## TASK TO CARRY OUT:
Among the entries below, how many lines include the word "parameter"? Reply with only the number.

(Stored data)
▼▼▼

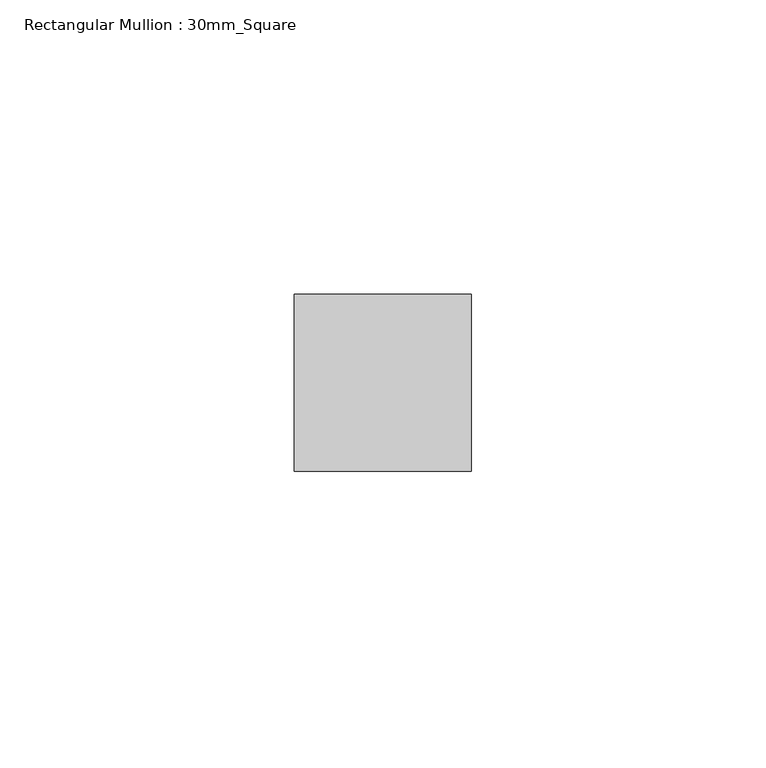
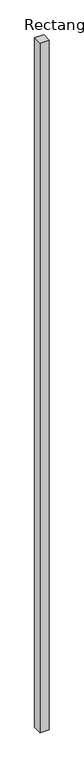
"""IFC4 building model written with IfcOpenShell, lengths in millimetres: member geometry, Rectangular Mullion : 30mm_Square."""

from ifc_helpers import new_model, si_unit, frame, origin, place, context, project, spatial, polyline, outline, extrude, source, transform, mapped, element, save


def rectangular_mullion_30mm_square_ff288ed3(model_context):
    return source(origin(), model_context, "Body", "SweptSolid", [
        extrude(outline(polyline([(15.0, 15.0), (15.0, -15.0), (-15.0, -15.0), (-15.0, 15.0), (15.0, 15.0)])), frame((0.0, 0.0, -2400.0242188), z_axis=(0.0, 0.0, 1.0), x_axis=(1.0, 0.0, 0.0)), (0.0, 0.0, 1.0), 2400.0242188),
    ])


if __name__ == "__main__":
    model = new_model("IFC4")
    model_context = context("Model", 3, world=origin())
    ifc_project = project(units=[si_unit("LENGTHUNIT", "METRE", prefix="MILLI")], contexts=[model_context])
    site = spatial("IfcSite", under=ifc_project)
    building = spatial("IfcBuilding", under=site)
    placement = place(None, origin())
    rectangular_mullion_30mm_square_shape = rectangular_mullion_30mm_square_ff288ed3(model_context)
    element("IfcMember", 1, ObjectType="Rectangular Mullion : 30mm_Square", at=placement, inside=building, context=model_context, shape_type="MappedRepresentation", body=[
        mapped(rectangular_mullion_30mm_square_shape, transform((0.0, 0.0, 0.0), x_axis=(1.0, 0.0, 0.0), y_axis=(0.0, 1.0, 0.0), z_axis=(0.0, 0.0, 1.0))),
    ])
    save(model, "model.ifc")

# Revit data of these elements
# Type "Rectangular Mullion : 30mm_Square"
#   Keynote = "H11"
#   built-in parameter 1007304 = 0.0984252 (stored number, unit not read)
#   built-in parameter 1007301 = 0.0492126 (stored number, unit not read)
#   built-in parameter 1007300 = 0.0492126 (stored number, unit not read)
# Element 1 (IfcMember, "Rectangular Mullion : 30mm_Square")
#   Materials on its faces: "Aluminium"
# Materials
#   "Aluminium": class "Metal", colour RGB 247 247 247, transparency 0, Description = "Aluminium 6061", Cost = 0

▲▲▲

## RESPONSE AREA:
3